Your instructions: What lines in the records include the string "import"? Return each one.

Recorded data

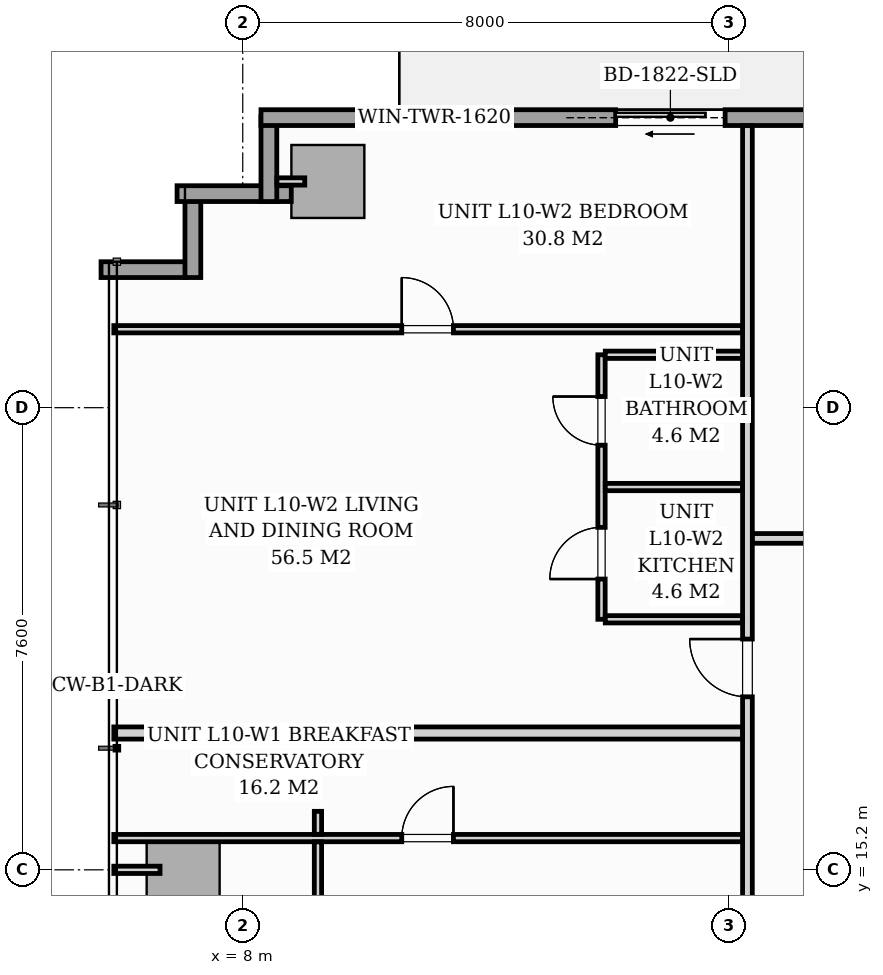
"""IFC4 building model, lengths in metres.
Left out: names, types, materials, properties, quantities, classifications, styles, units other than length and angle.
Written with IfcOpenShell. Run it as: python <this file> out.ifc"""

import sys

from ifc_helpers import new_model, si_unit, direction, frame, frame_2d, origin, origin_2d, place, context, subcontext, project, spatial, rectangle, extrude, source, transform, mapped, element, fill, save


model = new_model("IFC4")
c1 = context("Model", 3, precision=1e-05, world=origin(), true_north=direction((0.0, 1.0)))
c2 = subcontext(c1, "Body", "Model", "MODEL_VIEW")
j1 = project(units=[si_unit("LENGTHUNIT", "METRE"), si_unit("PLANEANGLEUNIT", "RADIAN")], contexts=[c1])
p1 = place(None, origin())
s1 = spatial("IfcSite", under=j1, at=p1, CompositionType="ELEMENT")
p2 = place(p1, origin())
s2 = spatial("IfcBuilding", under=s1, at=p2, CompositionType="ELEMENT")
p3 = place(p2, frame((0.0, 0.0, 39.0)))
s3 = spatial("IfcBuildingStorey", under=s2, at=p3, CompositionType="ELEMENT", Elevation=39.0)
m1 = source(origin(), c2, "Body", "SweptSolid", [
    extrude(rectangle(XDim=1.2, YDim=1.2, at=origin_2d()), origin(), (0.0, 0.0, 1.0), 3.196),
])
for number, where, z_axis, x_axis in (
    (1, (9.4, 26.52, 0.002), (0.0, 0.0, 1.0), (1.0, 0.0, 0.0)),
    (2, (7.02, 15.2, 0.002), (0.0, 0.0, 1.0), (1.0, 0.0, 0.0)),
):
    element("IfcColumn", number, at=place(p3, frame(where, z_axis=z_axis, x_axis=x_axis)), inside=s3, PredefinedType="COLUMN", context=c2, shape_type="MappedRepresentation", body=[
        mapped(m1, transform((0.0, 0.0, 0.0), scale=1.0)),
    ])
for number, where, z_axis, x_axis in (
    (3, (5.67, 25.07, 0.0), (0.0, 0.0, 1.0), (1.0, 0.0, 0.0)),
    (4, (7.18, 24.94, 0.0), (0.0, 0.0, 1.0), (0.0, 1.0, 0.0)),
):
    element("IfcWall", number, at=place(p3, frame(where, z_axis=z_axis, x_axis=x_axis)), inside=s3, PredefinedType="STANDARD", context=c2, shape_type="SweptSolid", body=[
        extrude(rectangle(XDim=1.395, YDim=0.26, at=frame_2d((0.698, 0.0))), origin(), (0.0, 0.0, 1.0), 2.94),
    ])
p4 = place(p3, frame((6.92, 26.32, 0.0), z_axis=(0.0, 0.0, 1.0), x_axis=(1.0, 0.0, 0.0)))
e5 = element("IfcWall", 5, at=p4, inside=s3, PredefinedType="STANDARD", context=c2, shape_type="SweptSolid", body=[
    extrude(rectangle(XDim=1.878, YDim=0.26, at=frame_2d((0.939, 0.0))), origin(), (0.0, 0.0, 1.0), 2.94),
])
p5 = place(p3, frame((8.43, 26.19, 0.0), z_axis=(0.0, 0.0, 1.0), x_axis=(0.0, 1.0, 0.0)))
e6 = element("IfcWall", 6, at=p5, inside=s3, PredefinedType="STANDARD", context=c2, shape_type="SweptSolid", body=[
    extrude(rectangle(XDim=1.395, YDim=0.26, at=frame_2d((0.698, 0.0))), origin(), (0.0, 0.0, 1.0), 2.94),
])
p6 = place(p3, frame((8.3, 27.57, 0.0), z_axis=(0.0, 0.0, 1.0), x_axis=(1.0, 0.0, 0.0)))
e7 = element("IfcWall", 7, at=p6, inside=s3, PredefinedType="STANDARD", context=c2, shape_type="SweptSolid", body=[
    extrude(rectangle(XDim=17.15, YDim=0.26, at=frame_2d((8.575, 0.0))), origin(), (0.0, 0.0, 1.0), 2.94),
])
p7 = place(p6, frame((5.833, 0.0, 0.0)))
e8 = element("IfcOpeningElement", 8, at=p7, cuts=e7, PredefinedType="OPENING", context=c2, shape_type="SweptSolid", body=[
    extrude(rectangle(XDim=1.8, YDim=2.06, at=frame_2d((0.9, 1.03))), frame((0.0, 0.14, 0.0), z_axis=(0.0, -1.0, 0.0), x_axis=(1.0, 0.0, 0.0)), (0.0, 0.0, 1.0), 0.28),
])
p8 = place(p6, frame((2.05, 0.0, 0.65)))
e9 = element("IfcOpeningElement", 9, at=p8, cuts=e7, PredefinedType="OPENING", context=c2, shape_type="SweptSolid", body=[
    extrude(rectangle(XDim=1.6, YDim=1.5, at=frame_2d((0.8, 0.75))), frame((0.0, 0.14, 0.0), z_axis=(0.0, -1.0, 0.0), x_axis=(1.0, 0.0, 0.0)), (0.0, 0.0, 1.0), 0.28),
])
p9 = place(p3, frame((16.3, 12.572, 0.0), z_axis=(0.0, 0.0, 1.0), x_axis=(0.0, 1.0, 0.0)))
e10 = element("IfcWall", 10, at=p9, inside=s3, PredefinedType="PARTITIONING", context=c2, shape_type="SweptSolid", body=[
    extrude(rectangle(XDim=14.866, YDim=0.16, at=frame_2d((7.433, 0.0))), origin(), (0.0, 0.0, 1.0), 2.94),
])
p10 = place(p9, frame((0.493, 0.0, 0.0)))
e11 = element("IfcOpeningElement", 11, at=p10, cuts=e10, PredefinedType="OPENING", context=c2, shape_type="SweptSolid", body=[
    extrude(rectangle(XDim=0.95, YDim=2.06, at=frame_2d((0.475, 1.03))), frame((0.0, 0.09, 0.0), z_axis=(0.0, -1.0, 0.0), x_axis=(1.0, 0.0, 0.0)), (0.0, 0.0, 1.0), 0.18),
])
p11 = place(p9, frame((5.473, 0.0, 0.0)))
e12 = element("IfcOpeningElement", 12, at=p11, cuts=e10, PredefinedType="OPENING", context=c2, shape_type="SweptSolid", body=[
    extrude(rectangle(XDim=0.95, YDim=2.06, at=frame_2d((0.475, 1.03))), frame((0.0, 0.09, 0.0), z_axis=(0.0, -1.0, 0.0), x_axis=(1.0, 0.0, 0.0)), (0.0, 0.0, 1.0), 0.18),
])
p12 = place(p3, frame((5.88, 17.45, 0.0), z_axis=(0.0, 0.0, 1.0), x_axis=(1.0, 0.0, 0.0)))
e13 = element("IfcWall", 13, at=p12, inside=s3, PredefinedType="PARTITIONING", context=c2, shape_type="SweptSolid", body=[
    extrude(rectangle(XDim=10.338, YDim=0.2, at=frame_2d((5.169, 0.0))), origin(), (0.0, 0.0, 1.0), 2.94),
])
p13 = place(p3, frame((5.88, 15.722, 0.0), z_axis=(0.0, 0.0, 1.0), x_axis=(1.0, 0.0, 0.0)))
e14 = element("IfcWall", 14, at=p13, inside=s3, PredefinedType="PARTITIONING", context=c2, shape_type="SweptSolid", body=[
    extrude(rectangle(XDim=10.338, YDim=0.12, at=frame_2d((5.169, 0.0))), origin(), (0.0, 0.0, 1.0), 2.045),
])
p14 = place(p13, frame((4.735, 0.0, 0.0)))
e15 = element("IfcOpeningElement", 15, at=p14, cuts=e14, PredefinedType="OPENING", context=c2, shape_type="SweptSolid", body=[
    extrude(rectangle(XDim=0.85, YDim=2.01, at=frame_2d((0.425, 1.005))), frame((0.0, 0.07, 0.0), z_axis=(0.0, -1.0, 0.0), x_axis=(1.0, 0.0, 0.0)), (0.0, 0.0, 1.0), 0.14),
])
p15 = place(p3, frame((9.237, 6.028, 0.0), z_axis=(0.0, 0.0, 1.0), x_axis=(0.0, 1.0, 0.0)))
e16 = element("IfcWall", 16, at=p15, inside=s3, PredefinedType="PARTITIONING", context=c2, shape_type="SweptSolid", body=[
    extrude(rectangle(XDim=9.632, YDim=0.12, at=frame_2d((4.816, 0.0))), origin(), (0.0, 0.0, 1.0), 2.94),
])
p16 = place(p15, frame((4.391, 0.0, 0.0)))
e17 = element("IfcOpeningElement", 17, at=p16, cuts=e16, PredefinedType="OPENING", context=c2, shape_type="SweptSolid", body=[
    extrude(rectangle(XDim=0.85, YDim=2.05, at=frame_2d((0.425, 1.025))), frame((0.0, 0.07, 0.0), z_axis=(0.0, -1.0, 0.0), x_axis=(1.0, 0.0, 0.0)), (0.0, 0.0, 1.0), 0.14),
])
p17 = place(p3, frame((9.237, 15.784, 0.0), z_axis=(0.0, 0.0, 1.0), x_axis=(0.0, 1.0, 0.0)))
e18 = element("IfcWall", 18, at=p17, inside=s3, PredefinedType="PARTITIONING", context=c2, shape_type="SweptSolid", body=[
    extrude(rectangle(XDim=0.378, YDim=0.12, at=frame_2d((0.189, 0.0))), origin(), (0.0, 0.0, 1.0), 2.94),
])
p18 = place(p3, frame((13.9, 19.32, 0.0), z_axis=(0.0, 0.0, 1.0), x_axis=(0.0, 1.0, 0.0)))
e19 = element("IfcWall", 19, at=p18, inside=s3, PredefinedType="PARTITIONING", context=c2, shape_type="SweptSolid", body=[
    extrude(rectangle(XDim=4.35, YDim=0.12, at=frame_2d((2.175, 0.0))), origin(), (0.0, 0.0, 1.0), 2.94),
])
p19 = place(p18, frame((0.662, 0.0, 0.0)))
e20 = element("IfcOpeningElement", 20, at=p19, cuts=e19, PredefinedType="OPENING", context=c2, shape_type="SweptSolid", body=[
    extrude(rectangle(XDim=0.85, YDim=2.05, at=frame_2d((0.425, 1.025))), frame((0.0, 0.07, 0.0), z_axis=(0.0, -1.0, 0.0), x_axis=(1.0, 0.0, 0.0)), (0.0, 0.0, 1.0), 0.14),
])
p20 = place(p18, frame((2.863, 0.0, 0.0)))
e21 = element("IfcOpeningElement", 21, at=p20, cuts=e19, PredefinedType="OPENING", context=c2, shape_type="SweptSolid", body=[
    extrude(rectangle(XDim=0.8, YDim=2.02, at=frame_2d((0.4, 1.01))), frame((0.0, 0.07, 0.0), z_axis=(0.0, -1.0, 0.0), x_axis=(1.0, 0.0, 0.0)), (0.0, 0.0, 1.0), 0.14),
])
for number, where, z_axis, x_axis in (
    (22, (13.962, 21.495, 0.0), (0.0, 0.0, 1.0), (1.0, 0.0, 0.0)),
    (23, (13.962, 19.32, 0.0), (0.0, 0.0, 1.0), (1.0, 0.0, 0.0)),
    (24, (13.962, 23.67, 0.0), (0.0, 0.0, 1.0), (1.0, 0.0, 0.0)),
):
    element("IfcWall", number, at=place(p3, frame(where, z_axis=z_axis, x_axis=x_axis)), inside=s3, PredefinedType="PARTITIONING", context=c2, shape_type="SweptSolid", body=[
        extrude(rectangle(XDim=2.256, YDim=0.12, at=frame_2d((1.128, 0.0))), origin(), (0.0, 0.0, 1.0), 2.94),
    ])
p21 = place(p3, frame((5.88, 24.09, 0.0), z_axis=(0.0, 0.0, 1.0), x_axis=(1.0, 0.0, 0.0)))
e25 = element("IfcWall", 25, at=p21, inside=s3, PredefinedType="PARTITIONING", context=c2, shape_type="SweptSolid", body=[
    extrude(rectangle(XDim=10.338, YDim=0.12, at=frame_2d((5.169, 0.0))), origin(), (0.0, 0.0, 1.0), 2.94),
])
p22 = place(p21, frame((4.735, 0.0, 0.0)))
e26 = element("IfcOpeningElement", 26, at=p22, cuts=e25, PredefinedType="OPENING", context=c2, shape_type="SweptSolid", body=[
    extrude(rectangle(XDim=0.85, YDim=2.05, at=frame_2d((0.425, 1.025))), frame((0.0, 0.07, 0.0), z_axis=(0.0, -1.0, 0.0), x_axis=(1.0, 0.0, 0.0)), (0.0, 0.0, 1.0), 0.14),
])
p23 = place(p3, frame((16.382, 20.65, 0.0), z_axis=(0.0, 0.0, 1.0), x_axis=(1.0, 0.0, 0.0)))
e27 = element("IfcWall", 27, at=p23, inside=s3, PredefinedType="PARTITIONING", context=c2, shape_type="SweptSolid", body=[
    extrude(rectangle(XDim=1.786, YDim=0.16, at=frame_2d((0.893, 0.0))), origin(), (0.0, 0.0, 1.0), 2.94),
])
p24 = place(p3, frame((9.02, 26.52, 0.0), z_axis=(0.0, 0.0, 1.0), x_axis=(-1.0, 0.0, 0.0)))
e28 = element("IfcWall", 28, at=p24, inside=s3, PredefinedType="PARTITIONING", context=c2, shape_type="SweptSolid", body=[
    extrude(rectangle(XDim=0.458, YDim=0.12, at=frame_2d((0.229, 0.0))), origin(), (0.0, 0.0, 1.0), 2.94),
])
p25 = place(p3, frame((6.64, 15.2, 0.0), z_axis=(0.0, 0.0, 1.0), x_axis=(-1.0, 0.0, 0.0)))
e29 = element("IfcWall", 29, at=p25, inside=s3, PredefinedType="PARTITIONING", context=c2, shape_type="SweptSolid", body=[
    extrude(rectangle(XDim=0.76, YDim=0.12, at=frame_2d((0.38, 0.0))), origin(), (0.0, 0.0, 1.0), 2.94),
])
m2 = source(origin(), c2, "Body", "SweptSolid", [
    extrude(rectangle(XDim=1.8, YDim=2.06, at=frame_2d((0.9, 1.03))), frame((0.0, 0.025, 0.0), z_axis=(0.0, -1.0, 0.0), x_axis=(1.0, 0.0, 0.0)), (0.0, 0.0, 1.0), 0.05),
])
p26 = place(p7, origin())
e30 = element("IfcDoor", 30, at=p26, inside=s3, OperationType="SLIDING_TO_LEFT", PredefinedType="DOOR", context=c2, shape_type="MappedRepresentation", body=[
    mapped(m2, transform((0.0, 0.0, 0.0), scale=1.0)),
])
fill(e8, e30)
m3 = source(origin(), c2, "Body", "SweptSolid", [
    extrude(rectangle(XDim=1.6, YDim=1.5, at=frame_2d((0.8, 0.75))), frame((0.0, 0.03, 0.0), z_axis=(0.0, -1.0, 0.0), x_axis=(1.0, 0.0, 0.0)), (0.0, 0.0, 1.0), 0.06),
])
p27 = place(p8, origin())
e31 = element("IfcWindow", 31, at=p27, inside=s3, PartitioningType="SINGLE_PANEL", PredefinedType="WINDOW", context=c2, shape_type="MappedRepresentation", body=[
    mapped(m3, transform((0.0, 0.0, 0.0), scale=1.0)),
])
fill(e9, e31)
m4 = source(origin(), c2, "Body", "SweptSolid", [
    extrude(rectangle(XDim=0.85, YDim=2.01, at=frame_2d((0.425, 1.005))), frame((0.0, 0.025, 0.0), z_axis=(0.0, -1.0, 0.0), x_axis=(1.0, 0.0, 0.0)), (0.0, 0.0, 1.0), 0.05),
])
p28 = place(p14, origin())
e32 = element("IfcDoor", 32, at=p28, inside=s3, OperationType="SINGLE_SWING_RIGHT", PredefinedType="DOOR", context=c2, shape_type="MappedRepresentation", body=[
    mapped(m4, transform((0.0, 0.0, 0.0), scale=1.0)),
])
fill(e15, e32)
m5 = source(origin(), c2, "Body", "SweptSolid", [
    extrude(rectangle(XDim=0.95, YDim=2.06, at=frame_2d((0.475, 1.03))), frame((0.0, 0.025, 0.0), z_axis=(0.0, -1.0, 0.0), x_axis=(1.0, 0.0, 0.0)), (0.0, 0.0, 1.0), 0.05),
])
p29 = place(p11, origin())
e33 = element("IfcDoor", 33, at=p29, inside=s3, OperationType="SINGLE_SWING_RIGHT", PredefinedType="DOOR", context=c2, shape_type="MappedRepresentation", body=[
    mapped(m5, transform((0.0, 0.0, 0.0), scale=1.0)),
])
fill(e12, e33)
m6 = source(origin(), c2, "Body", "SweptSolid", [
    extrude(rectangle(XDim=0.85, YDim=2.05, at=frame_2d((0.425, 1.025))), frame((0.0, 0.025, 0.0), z_axis=(0.0, -1.0, 0.0), x_axis=(1.0, 0.0, 0.0)), (0.0, 0.0, 1.0), 0.05),
])
p30 = place(p19, origin())
e34 = element("IfcDoor", 34, at=p30, inside=s3, OperationType="SINGLE_SWING_LEFT", PredefinedType="DOOR", context=c2, shape_type="MappedRepresentation", body=[
    mapped(m6, transform((0.0, 0.0, 0.0), scale=1.0)),
])
fill(e20, e34)
m7 = source(origin(), c2, "Body", "SweptSolid", [
    extrude(rectangle(XDim=0.8, YDim=2.02, at=frame_2d((0.4, 1.01))), frame((0.0, 0.025, 0.0), z_axis=(0.0, -1.0, 0.0), x_axis=(1.0, 0.0, 0.0)), (0.0, 0.0, 1.0), 0.05),
])
p31 = place(p20, origin())
e35 = element("IfcDoor", 35, at=p31, inside=s3, OperationType="SINGLE_SWING_RIGHT", PredefinedType="DOOR", context=c2, shape_type="MappedRepresentation", body=[
    mapped(m7, transform((0.0, 0.0, 0.0), scale=1.0)),
])
fill(e21, e35)
p32 = place(p22, origin())
e36 = element("IfcDoor", 36, at=p32, inside=s3, OperationType="SINGLE_SWING_LEFT", PredefinedType="DOOR", context=c2, shape_type="MappedRepresentation", body=[
    mapped(m6, transform((0.0, 0.0, 0.0), scale=1.0)),
])
fill(e26, e36)
save(model, sys.argv[1])

Output of the task:
import sys
from ifc_helpers import new_model, si_unit, direction, frame, frame_2d, origin, origin_2d, place, context, subcontext, project, spatial, rectangle, extrude, source, transform, mapped, element, fill, save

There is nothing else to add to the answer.